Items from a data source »
○ ○ ○ ○ ○ ○ ○

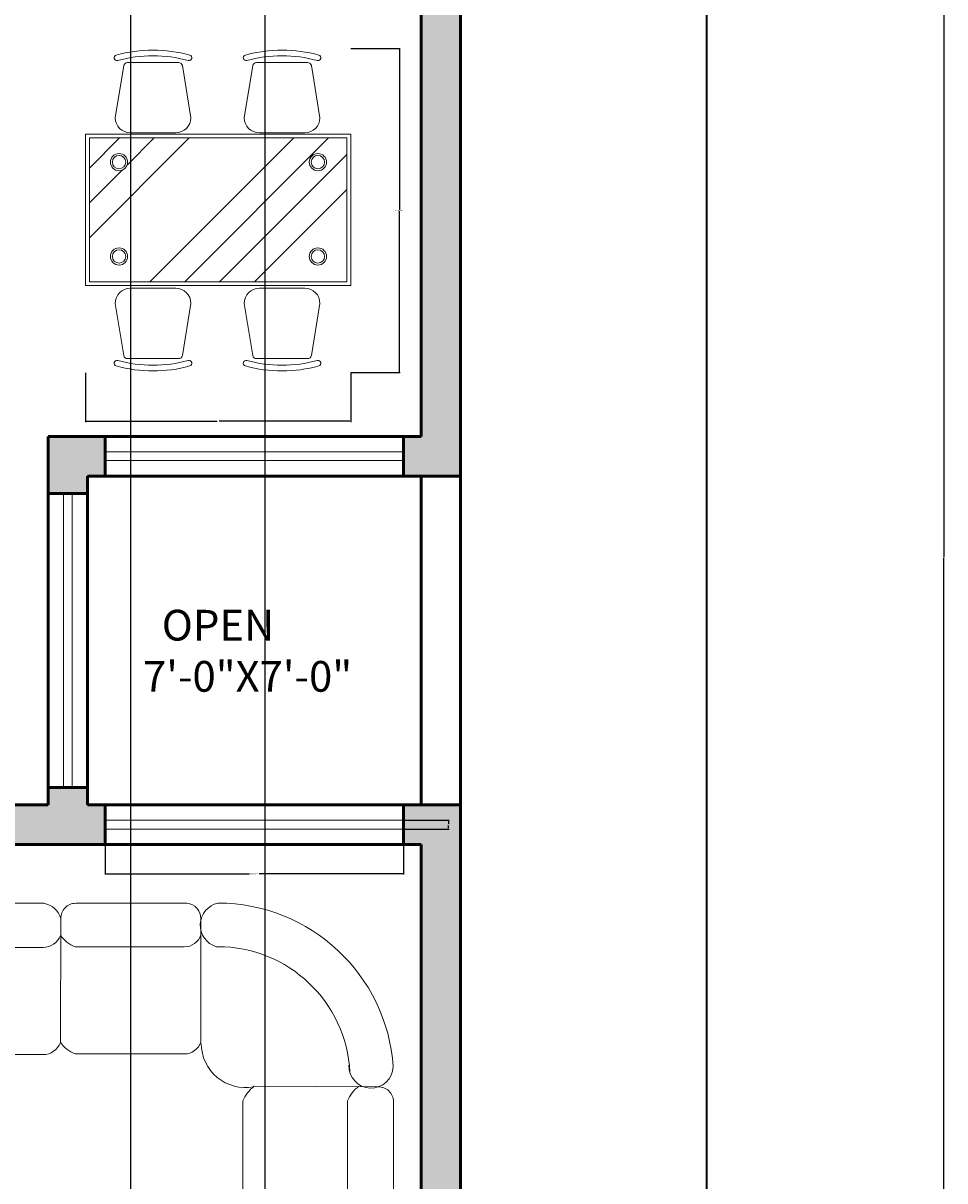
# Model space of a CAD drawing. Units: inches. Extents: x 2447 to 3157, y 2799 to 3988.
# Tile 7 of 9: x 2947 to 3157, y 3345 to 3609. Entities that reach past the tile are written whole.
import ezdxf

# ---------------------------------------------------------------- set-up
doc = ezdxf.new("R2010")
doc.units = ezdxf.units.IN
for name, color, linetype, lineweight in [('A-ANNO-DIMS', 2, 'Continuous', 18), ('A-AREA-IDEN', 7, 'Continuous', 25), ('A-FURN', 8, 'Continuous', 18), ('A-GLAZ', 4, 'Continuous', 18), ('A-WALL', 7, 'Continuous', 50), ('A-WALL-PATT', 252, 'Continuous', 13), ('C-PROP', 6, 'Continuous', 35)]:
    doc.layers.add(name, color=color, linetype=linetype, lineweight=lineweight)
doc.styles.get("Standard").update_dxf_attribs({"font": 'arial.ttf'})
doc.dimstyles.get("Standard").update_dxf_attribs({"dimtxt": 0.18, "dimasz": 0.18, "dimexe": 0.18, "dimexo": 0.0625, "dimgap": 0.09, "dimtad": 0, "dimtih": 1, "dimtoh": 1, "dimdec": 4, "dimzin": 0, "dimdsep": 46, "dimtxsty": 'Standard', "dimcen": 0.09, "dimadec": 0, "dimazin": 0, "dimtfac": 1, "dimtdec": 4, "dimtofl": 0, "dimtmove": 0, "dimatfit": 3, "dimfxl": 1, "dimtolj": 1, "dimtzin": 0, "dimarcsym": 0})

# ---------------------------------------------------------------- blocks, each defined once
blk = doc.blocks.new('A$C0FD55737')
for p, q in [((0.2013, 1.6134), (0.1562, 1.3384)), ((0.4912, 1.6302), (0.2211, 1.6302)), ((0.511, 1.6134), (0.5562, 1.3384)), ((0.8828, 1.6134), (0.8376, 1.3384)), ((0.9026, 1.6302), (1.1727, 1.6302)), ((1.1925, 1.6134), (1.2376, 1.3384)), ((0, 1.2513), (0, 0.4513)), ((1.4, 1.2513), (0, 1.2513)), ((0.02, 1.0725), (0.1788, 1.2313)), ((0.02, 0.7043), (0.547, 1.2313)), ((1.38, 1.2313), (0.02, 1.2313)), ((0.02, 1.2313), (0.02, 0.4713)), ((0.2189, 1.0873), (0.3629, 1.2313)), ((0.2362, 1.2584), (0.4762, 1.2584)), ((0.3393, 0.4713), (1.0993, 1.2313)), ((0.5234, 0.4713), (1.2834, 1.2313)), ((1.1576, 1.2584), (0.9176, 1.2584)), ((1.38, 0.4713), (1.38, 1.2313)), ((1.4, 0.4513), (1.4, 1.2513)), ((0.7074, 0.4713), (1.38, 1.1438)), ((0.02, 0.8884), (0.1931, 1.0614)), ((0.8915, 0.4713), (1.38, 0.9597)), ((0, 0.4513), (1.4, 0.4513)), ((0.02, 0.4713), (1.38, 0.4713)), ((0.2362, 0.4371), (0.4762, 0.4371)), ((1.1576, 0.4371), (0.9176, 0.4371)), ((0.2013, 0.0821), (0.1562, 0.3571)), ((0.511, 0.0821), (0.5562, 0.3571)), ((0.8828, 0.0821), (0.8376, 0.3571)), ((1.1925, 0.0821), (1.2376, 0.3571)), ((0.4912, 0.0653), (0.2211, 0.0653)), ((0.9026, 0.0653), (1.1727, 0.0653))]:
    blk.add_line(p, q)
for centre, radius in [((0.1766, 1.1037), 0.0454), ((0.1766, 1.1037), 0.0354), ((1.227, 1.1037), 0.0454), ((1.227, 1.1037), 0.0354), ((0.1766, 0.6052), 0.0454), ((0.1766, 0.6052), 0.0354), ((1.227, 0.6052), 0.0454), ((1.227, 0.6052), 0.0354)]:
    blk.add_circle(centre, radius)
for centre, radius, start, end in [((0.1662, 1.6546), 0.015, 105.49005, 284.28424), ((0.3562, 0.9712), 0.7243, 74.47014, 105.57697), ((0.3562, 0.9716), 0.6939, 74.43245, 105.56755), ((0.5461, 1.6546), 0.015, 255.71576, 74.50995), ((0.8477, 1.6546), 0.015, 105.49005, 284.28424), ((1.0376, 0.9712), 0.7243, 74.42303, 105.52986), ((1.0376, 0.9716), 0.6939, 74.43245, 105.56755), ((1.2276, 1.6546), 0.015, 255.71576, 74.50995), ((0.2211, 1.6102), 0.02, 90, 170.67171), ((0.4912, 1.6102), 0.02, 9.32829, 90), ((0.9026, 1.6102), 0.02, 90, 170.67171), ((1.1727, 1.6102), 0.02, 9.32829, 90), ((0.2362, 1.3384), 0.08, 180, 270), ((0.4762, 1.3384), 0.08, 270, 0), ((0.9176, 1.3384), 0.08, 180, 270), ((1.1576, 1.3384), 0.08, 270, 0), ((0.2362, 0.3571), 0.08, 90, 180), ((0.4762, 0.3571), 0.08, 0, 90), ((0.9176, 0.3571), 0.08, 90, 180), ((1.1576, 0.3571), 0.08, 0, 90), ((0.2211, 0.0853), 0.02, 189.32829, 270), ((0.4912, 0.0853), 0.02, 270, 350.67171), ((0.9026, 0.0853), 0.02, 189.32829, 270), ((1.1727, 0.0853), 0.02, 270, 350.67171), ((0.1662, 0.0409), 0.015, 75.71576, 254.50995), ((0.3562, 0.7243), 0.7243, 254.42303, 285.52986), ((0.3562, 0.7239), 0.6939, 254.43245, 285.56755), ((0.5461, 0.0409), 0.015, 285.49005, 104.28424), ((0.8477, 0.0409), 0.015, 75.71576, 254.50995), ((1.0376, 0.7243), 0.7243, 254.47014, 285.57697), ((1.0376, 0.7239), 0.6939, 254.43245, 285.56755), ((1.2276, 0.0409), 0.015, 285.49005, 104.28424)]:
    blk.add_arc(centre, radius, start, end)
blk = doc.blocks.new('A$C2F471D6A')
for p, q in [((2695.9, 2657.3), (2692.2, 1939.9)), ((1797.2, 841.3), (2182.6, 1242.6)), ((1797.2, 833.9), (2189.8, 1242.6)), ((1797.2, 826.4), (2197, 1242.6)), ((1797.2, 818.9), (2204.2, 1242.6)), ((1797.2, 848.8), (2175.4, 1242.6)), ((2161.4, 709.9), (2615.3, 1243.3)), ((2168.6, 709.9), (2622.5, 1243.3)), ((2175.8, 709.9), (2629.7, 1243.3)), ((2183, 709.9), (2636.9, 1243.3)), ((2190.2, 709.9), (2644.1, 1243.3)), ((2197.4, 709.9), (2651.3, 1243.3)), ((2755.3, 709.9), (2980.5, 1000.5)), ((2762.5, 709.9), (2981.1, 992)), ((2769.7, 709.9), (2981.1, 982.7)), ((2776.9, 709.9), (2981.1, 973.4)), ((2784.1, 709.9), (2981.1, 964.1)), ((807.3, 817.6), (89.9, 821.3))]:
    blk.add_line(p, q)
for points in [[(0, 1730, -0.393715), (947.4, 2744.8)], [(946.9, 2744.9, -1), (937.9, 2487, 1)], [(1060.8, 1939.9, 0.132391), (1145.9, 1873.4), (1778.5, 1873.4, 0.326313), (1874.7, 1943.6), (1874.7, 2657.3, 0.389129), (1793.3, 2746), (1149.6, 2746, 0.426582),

○ ○ ○ ○ ○ ○ ○

The problem »
Start at the line containing "blk = doc.blocks.new('A$C2F471D6A')" and copy each line through the last one in the records, exactly and with nothing added.

Expected answer »
blk = doc.blocks.new('A$C2F471D6A')
for p, q in [((2695.9, 2657.3), (2692.2, 1939.9)), ((1797.2, 841.3), (2182.6, 1242.6)), ((1797.2, 833.9), (2189.8, 1242.6)), ((1797.2, 826.4), (2197, 1242.6)), ((1797.2, 818.9), (2204.2, 1242.6)), ((1797.2, 848.8), (2175.4, 1242.6)), ((2161.4, 709.9), (2615.3, 1243.3)), ((2168.6, 709.9), (2622.5, 1243.3)), ((2175.8, 709.9), (2629.7, 1243.3)), ((2183, 709.9), (2636.9, 1243.3)), ((2190.2, 709.9), (2644.1, 1243.3)), ((2197.4, 709.9), (2651.3, 1243.3)), ((2755.3, 709.9), (2980.5, 1000.5)), ((2762.5, 709.9), (2981.1, 992)), ((2769.7, 709.9), (2981.1, 982.7)), ((2776.9, 709.9), (2981.1, 973.4)), ((2784.1, 709.9), (2981.1, 964.1)), ((807.3, 817.6), (89.9, 821.3))]:
    blk.add_line(p, q)
for points in [[(0, 1730, -0.393715), (947.4, 2744.8)], [(946.9, 2744.9, -1), (937.9, 2487, 1)], [(1060.8, 1939.9, 0.132391), (1145.9, 1873.4), (1778.5, 1873.4, 0.326313), (1874.7, 1943.6), (1874.7, 2657.3, 0.389129), (1793.3, 2746), (1149.6, 2746, 0.426582),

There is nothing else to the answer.